Exercise aim:
Report every line below that holds the word "where".

Data items:
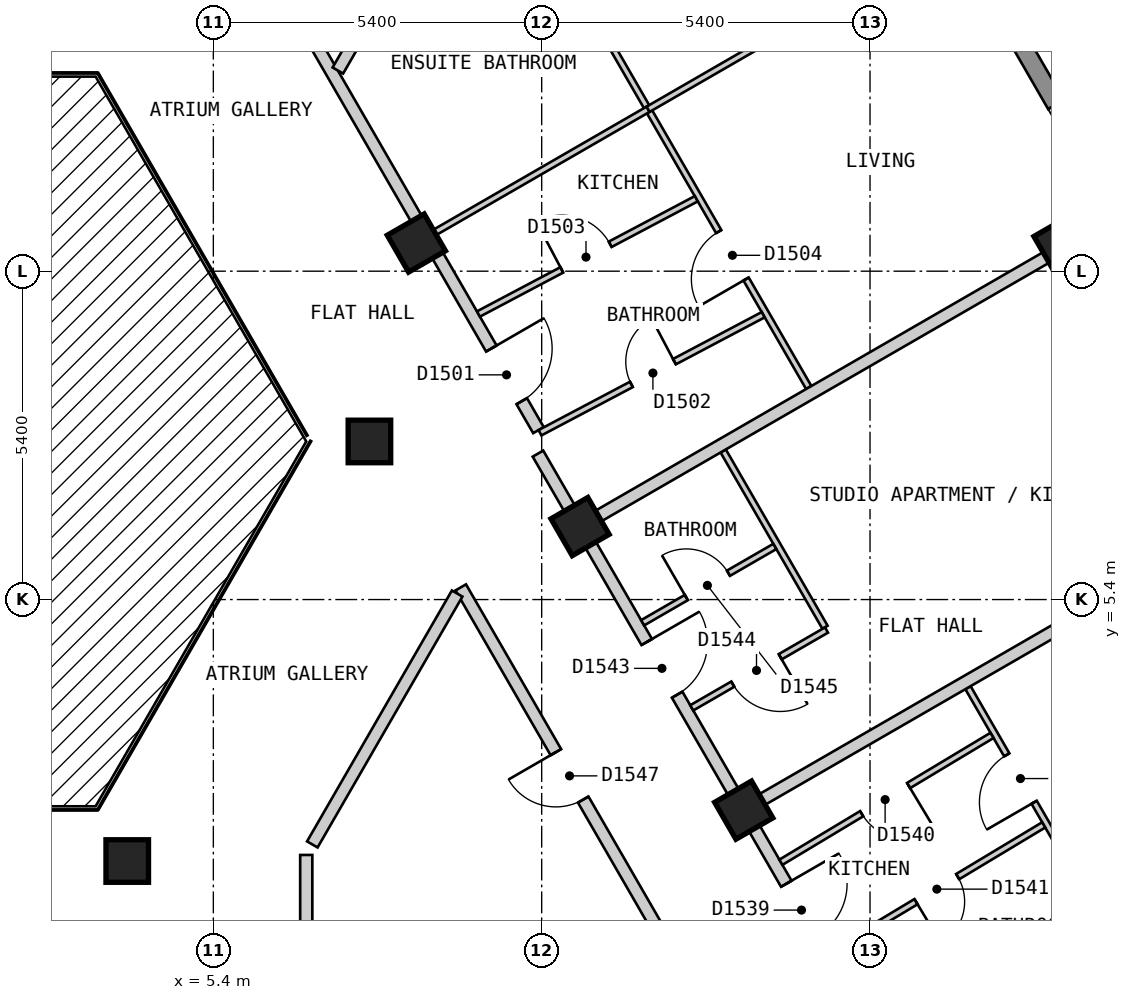
"""IFC4 building model, lengths in metres.
Left out: names, types, materials, properties, quantities, classifications, styles, units other than length and angle.
Written with IfcOpenShell. Run it as: python <this file> out.ifc"""

import sys

from ifc_helpers import new_model, si_unit, direction, frame, frame_2d, origin, origin_2d, place, context, subcontext, project, spatial, polyline, rectangle, outline, extrude, element, fill, save


model = new_model("IFC4")
c1 = context("Model", 3, precision=1e-05, world=origin(), true_north=direction((0.0, 1.0)))
c2 = subcontext(c1, "Body", "Model", "MODEL_VIEW")
j1 = project(units=[si_unit("LENGTHUNIT", "METRE"), si_unit("PLANEANGLEUNIT", "RADIAN")], contexts=[c1])
p1 = place(None, origin())
s1 = spatial("IfcSite", under=j1, at=p1, CompositionType="ELEMENT")
p2 = place(p1, origin())
s2 = spatial("IfcBuilding", under=s1, at=p2, CompositionType="ELEMENT")
p3 = place(p2, frame((0.0, 0.0, 184.2)))
s3 = spatial("IfcBuildingStorey", under=s2, at=p3, CompositionType="ELEMENT", Elevation=184.2)
p4 = place(p3, frame((19.442, 11.225, 0.0), z_axis=(0.0, 0.0, 1.0), x_axis=(-0.5, 0.866025403784, 0.0)))
e1 = element("IfcColumn", 1, at=p4, inside=s3, PredefinedType="COLUMN", context=c2, shape_type="SweptSolid", body=[
    extrude(rectangle(XDim=0.8, YDim=0.8, at=origin_2d()), origin(), (0.0, 0.0, 1.0), 3.0),
])
for number, where, z_axis, x_axis in (
    (2, (14.123, 1.937, 0.0), (0.0, 0.0, 1.0), (-0.5, 0.866, 0.0)),
    (3, (3.984, 1.1, 0.0), (0.0, 0.0, 1.0), (1.0, 0.0, 0.0)),
    (4, (11.431, 6.6, 0.0), (0.0, 0.0, 1.0), (-0.5, 0.866, 0.0)),
    (5, (7.967, 8.0, 0.0), (0.0, 0.0, 1.0), (1.0, 0.0, 0.0)),
    (6, (8.739, 11.263, 0.0), (0.0, 0.0, 1.0), (-0.5, 0.866, 0.0)),
):
    element("IfcColumn", number, at=place(p3, frame(where, z_axis=z_axis, x_axis=x_axis)), inside=s3, PredefinedType="COLUMN", context=c2, shape_type="SweptSolid", body=[
        extrude(rectangle(XDim=0.7, YDim=0.7, at=origin_2d()), origin(), (0.0, 0.0, 1.0), 3.0),
    ])
p5 = place(p3, frame((26.024, 1.825, 0.0), z_axis=(0.0, 0.0, 1.0), x_axis=(-0.500010537973, 0.866019319597, 0.0)))
e7 = element("IfcWall", 7, at=p5, inside=s3, PredefinedType="SOLIDWALL", context=c2, shape_type="SweptSolid", body=[
    extrude(outline(polyline([(0.0, -0.15), (22.863, -0.15), (22.783, 0.15), (0.08, 0.15), (0.0, -0.15)])), origin(), (0.0, 0.0, 1.0), 2.7),
])
p6 = place(p5, frame((1.259, 0.0, 0.15)))
e8 = element("IfcOpeningElement", 8, at=p6, cuts=e7, PredefinedType="OPENING", context=c2, shape_type="SweptSolid", body=[
    extrude(rectangle(XDim=1.5, YDim=2.1, at=frame_2d((0.75, 1.05))), frame((0.0, 0.16, 0.0), z_axis=(0.0, -1.0, 0.0), x_axis=(1.0, 0.0, 0.0)), (0.0, 0.0, 1.0), 0.32),
])
p7 = place(p5, frame((3.952, 0.0, 0.15)))
e9 = element("IfcOpeningElement", 9, at=p7, cuts=e7, PredefinedType="OPENING", context=c2, shape_type="SweptSolid", body=[
    extrude(rectangle(XDim=1.5, YDim=2.1, at=frame_2d((0.75, 1.05))), frame((0.0, 0.16, 0.0), z_axis=(0.0, -1.0, 0.0), x_axis=(1.0, 0.0, 0.0)), (0.0, 0.0, 1.0), 0.32),
])
p8 = place(p5, frame((6.644, 0.0, 0.15)))
e10 = element("IfcOpeningElement", 10, at=p8, cuts=e7, PredefinedType="OPENING", context=c2, shape_type="SweptSolid", body=[
    extrude(rectangle(XDim=1.5, YDim=2.1, at=frame_2d((0.75, 1.05))), frame((0.0, 0.16, 0.0), z_axis=(0.0, -1.0, 0.0), x_axis=(1.0, 0.0, 0.0)), (0.0, 0.0, 1.0), 0.32),
])
p9 = place(p5, frame((9.335, 0.0, 0.15)))
e11 = element("IfcOpeningElement", 11, at=p9, cuts=e7, PredefinedType="OPENING", context=c2, shape_type="SweptSolid", body=[
    extrude(rectangle(XDim=1.5, YDim=2.1, at=frame_2d((0.75, 1.05))), frame((0.0, 0.16, 0.0), z_axis=(0.0, -1.0, 0.0), x_axis=(1.0, 0.0, 0.0)), (0.0, 0.0, 1.0), 0.32),
])
p10 = place(p5, frame((12.028, 0.0, 0.15)))
e12 = element("IfcOpeningElement", 12, at=p10, cuts=e7, PredefinedType="OPENING", context=c2, shape_type="SweptSolid", body=[
    extrude(rectangle(XDim=1.5, YDim=2.1, at=frame_2d((0.75, 1.05))), frame((0.0, 0.16, 0.0), z_axis=(0.0, -1.0, 0.0), x_axis=(1.0, 0.0, 0.0)), (0.0, 0.0, 1.0), 0.32),
])
p11 = place(p5, frame((14.72, 0.0, 0.15)))
e13 = element("IfcOpeningElement", 13, at=p11, cuts=e7, PredefinedType="OPENING", context=c2, shape_type="SweptSolid", body=[
    extrude(rectangle(XDim=1.5, YDim=2.1, at=frame_2d((0.75, 1.05))), frame((0.0, 0.16, 0.0), z_axis=(0.0, -1.0, 0.0), x_axis=(1.0, 0.0, 0.0)), (0.0, 0.0, 1.0), 0.32),
])
p12 = place(p5, frame((17.411, 0.0, 0.15)))
e14 = element("IfcOpeningElement", 14, at=p12, cuts=e7, PredefinedType="OPENING", context=c2, shape_type="SweptSolid", body=[
    extrude(rectangle(XDim=1.5, YDim=2.1, at=frame_2d((0.75, 1.05))), frame((0.0, 0.16, 0.0), z_axis=(0.0, -1.0, 0.0), x_axis=(1.0, 0.0, 0.0)), (0.0, 0.0, 1.0), 0.32),
])
p13 = place(p5, frame((20.104, 0.0, 0.15)))
e15 = element("IfcOpeningElement", 15, at=p13, cuts=e7, PredefinedType="OPENING", context=c2, shape_type="SweptSolid", body=[
    extrude(rectangle(XDim=1.5, YDim=2.1, at=frame_2d((0.75, 1.05))), frame((0.0, 0.16, 0.0), z_axis=(0.0, -1.0, 0.0), x_axis=(1.0, 0.0, 0.0)), (0.0, 0.0, 1.0), 0.32),
])
p14 = place(p3, frame((9.469, 5.6, 0.0), z_axis=(0.0, 0.0, 1.0), x_axis=(0.499964524401, -0.866045884662, 0.0)))
e16 = element("IfcWall", 16, at=p14, inside=s3, PredefinedType="PARTITIONING", context=c2, shape_type="SweptSolid", body=[
    extrude(rectangle(XDim=7.042, YDim=0.2, at=frame_2d((3.521, 0.0))), origin(), (0.0, 0.0, 1.0), 2.7),
])
p15 = place(p14, frame((3.129, 0.0, 0.0)))
e17 = element("IfcOpeningElement", 17, at=p15, cuts=e16, PredefinedType="OPENING", context=c2, shape_type="SweptSolid", body=[
    extrude(rectangle(XDim=0.9, YDim=2.1, at=frame_2d((0.45, 1.05))), frame((0.0, 0.11, 0.0), z_axis=(0.0, -1.0, 0.0), x_axis=(1.0, 0.0, 0.0)), (0.0, 0.0, 1.0), 0.22),
])
p16 = place(p3, frame((10.739, 7.8, 0.0), z_axis=(0.0, 0.0, 1.0), x_axis=(0.500023726918, -0.866011704609, 0.0)))
e18 = element("IfcWall", 18, at=p16, inside=s3, PredefinedType="PARTITIONING", context=c2, shape_type="SweptSolid", body=[
    extrude(rectangle(XDim=9.47, YDim=0.2, at=frame_2d((4.735, 0.0))), origin(), (0.0, 0.0, 1.0), 2.7),
])
p17 = place(p16, frame((8.168, 0.0, 0.0)))
e19 = element("IfcOpeningElement", 19, at=p17, cuts=e18, PredefinedType="OPENING", context=c2, shape_type="SweptSolid", body=[
    extrude(rectangle(XDim=1.0, YDim=2.1, at=frame_2d((0.5, 1.05))), frame((0.0, 0.11, 0.0), z_axis=(0.0, -1.0, 0.0), x_axis=(1.0, 0.0, 0.0)), (0.0, 0.0, 1.0), 0.22),
])
p18 = place(p16, frame((3.578, 0.0, 0.0)))
e20 = element("IfcOpeningElement", 20, at=p18, cuts=e18, PredefinedType="OPENING", context=c2, shape_type="SweptSolid", body=[
    extrude(rectangle(XDim=1.0, YDim=2.1, at=frame_2d((0.5, 1.05))), frame((0.0, 0.11, 0.0), z_axis=(0.0, -1.0, 0.0), x_axis=(1.0, 0.0, 0.0)), (0.0, 0.0, 1.0), 0.22),
])
p19 = place(p3, frame((5.485, 17.3, 0.0), z_axis=(0.0, 0.0, 1.0), x_axis=(0.499998905622, -0.866026035623, 0.0)))
e21 = element("IfcWall", 21, at=p19, inside=s3, PredefinedType="PARTITIONING", context=c2, shape_type="SweptSolid", body=[
    extrude(rectangle(XDim=10.524, YDim=0.2, at=frame_2d((5.262, 0.0))), origin(), (0.0, 0.0, 1.0), 2.7),
])
p20 = place(p19, frame((8.974, 0.0, 0.0)))
e22 = element("IfcOpeningElement", 22, at=p20, cuts=e21, PredefinedType="OPENING", context=c2, shape_type="SweptSolid", body=[
    extrude(rectangle(XDim=1.0, YDim=2.1, at=frame_2d((0.5, 1.05))), frame((0.0, 0.11, 0.0), z_axis=(0.0, -1.0, 0.0), x_axis=(1.0, 0.0, 0.0)), (0.0, 0.0, 1.0), 0.22),
])
p21 = place(p3, frame((7.028, 1.373, 0.0), z_axis=(0.0, 0.0, 1.0), x_axis=(0.499953126767, 0.866052464367, 0.0)))
e23 = element("IfcWall", 23, at=p21, inside=s3, PredefinedType="PARTITIONING", context=c2, shape_type="SweptSolid", body=[
    extrude(rectangle(XDim=4.764, YDim=0.2, at=frame_2d((2.382, 0.0))), origin(), (0.0, 0.0, 1.0), 2.7),
])
p22 = place(p3, frame((6.928, -2.8, 0.0), z_axis=(0.0, 0.0, 1.0), x_axis=(0.0, 1.0, 0.0)))
e24 = element("IfcWall", 24, at=p22, inside=s3, PredefinedType="PARTITIONING", context=c2, shape_type="SweptSolid", body=[
    extrude(rectangle(XDim=4.0, YDim=0.2, at=frame_2d((2.0, 0.0))), origin(), (0.0, 0.0, 1.0), 2.7),
])
p23 = place(p3, frame((13.785, 7.844, 0.0), z_axis=(0.0, 0.0, 1.0), x_axis=(0.500176784828, -0.865923312955, 0.0)))
e25 = element("IfcWall", 25, at=p23, inside=s3, PredefinedType="PARTITIONING", context=c2, shape_type="SweptSolid", body=[
    extrude(rectangle(XDim=3.349, YDim=0.1, at=frame_2d((1.674, 0.0))), origin(), (0.0, 0.0, 1.0), 2.7),
])
p24 = place(p3, frame((17.811, 3.951, 0.0), z_axis=(0.0, 0.0, 1.0), x_axis=(0.499976149225, -0.866039173598, 0.0)))
e26 = element("IfcWall", 26, at=p24, inside=s3, PredefinedType="PARTITIONING", context=c2, shape_type="SweptSolid", body=[
    extrude(rectangle(XDim=2.888, YDim=0.1, at=frame_2d((1.444, 0.0))), origin(), (0.0, 0.0, 1.0), 2.7),
])
p25 = place(p24, frame((1.276, 0.0, 0.0)))
e27 = element("IfcOpeningElement", 27, at=p25, cuts=e26, PredefinedType="OPENING", context=c2, shape_type="SweptSolid", body=[
    extrude(rectangle(XDim=0.9, YDim=2.1, at=frame_2d((0.45, 1.05))), frame((0.0, 0.06, 0.0), z_axis=(0.0, -1.0, 0.0), x_axis=(1.0, 0.0, 0.0)), (0.0, 0.0, 1.0), 0.12),
])
p26 = place(p3, frame((9.883, 18.082, 0.0), z_axis=(0.0, 0.0, 1.0), x_axis=(0.500004428835, -0.86602284678, 0.0)))
e28 = element("IfcWall", 28, at=p26, inside=s3, PredefinedType="PARTITIONING", context=c2, shape_type="SweptSolid", body=[
    extrude(rectangle(XDim=10.618, YDim=0.1, at=frame_2d((5.309, 0.0))), origin(), (0.0, 0.0, 1.0), 2.7),
])
p27 = place(p26, frame((7.657, 0.0, 0.0)))
e29 = element("IfcOpeningElement", 29, at=p27, cuts=e28, PredefinedType="OPENING", context=c2, shape_type="SweptSolid", body=[
    extrude(rectangle(XDim=0.9, YDim=2.1, at=frame_2d((0.45, 1.05))), frame((0.0, 0.06, 0.0), z_axis=(0.0, -1.0, 0.0), x_axis=(1.0, 0.0, 0.0)), (0.0, 0.0, 1.0), 0.12),
])
p28 = place(p26, frame((2.242, 0.0, 0.0)))
e30 = element("IfcOpeningElement", 30, at=p28, cuts=e28, PredefinedType="OPENING", context=c2, shape_type="SweptSolid", body=[
    extrude(rectangle(XDim=0.8, YDim=2.1, at=frame_2d((0.4, 1.05))), frame((0.0, 0.06, 0.0), z_axis=(0.0, -1.0, 0.0), x_axis=(1.0, 0.0, 0.0)), (0.0, 0.0, 1.0), 0.12),
])
p29 = place(p3, frame((9.76, 10.096, 0.0), z_axis=(0.0, 0.0, 1.0), x_axis=(0.883925629136, 0.467627503636, 0.0)))
e31 = element("IfcWall", 31, at=p29, inside=s3, PredefinedType="PARTITIONING", context=c2, shape_type="SweptSolid", body=[
    extrude(rectangle(XDim=4.052, YDim=0.1, at=frame_2d((2.026, 0.0))), origin(), (0.0, 0.0, 1.0), 2.7),
])
p30 = place(p29, frame((1.551, 0.0, 0.0)))
e32 = element("IfcOpeningElement", 32, at=p30, cuts=e31, PredefinedType="OPENING", context=c2, shape_type="SweptSolid", body=[
    extrude(rectangle(XDim=0.9, YDim=2.1, at=frame_2d((0.45, 1.05))), frame((0.0, 0.06, 0.0), z_axis=(0.0, -1.0, 0.0), x_axis=(1.0, 0.0, 0.0)), (0.0, 0.0, 1.0), 0.12),
])
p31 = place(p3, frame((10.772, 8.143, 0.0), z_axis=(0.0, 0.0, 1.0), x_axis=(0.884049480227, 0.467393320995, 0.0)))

Response to the exercise:
for number, where, z_axis, x_axis in (
    element("IfcColumn", number, at=place(p3, frame(where, z_axis=z_axis, x_axis=x_axis)), inside=s3, PredefinedType="COLUMN", context=c2, shape_type="SweptSolid", body=[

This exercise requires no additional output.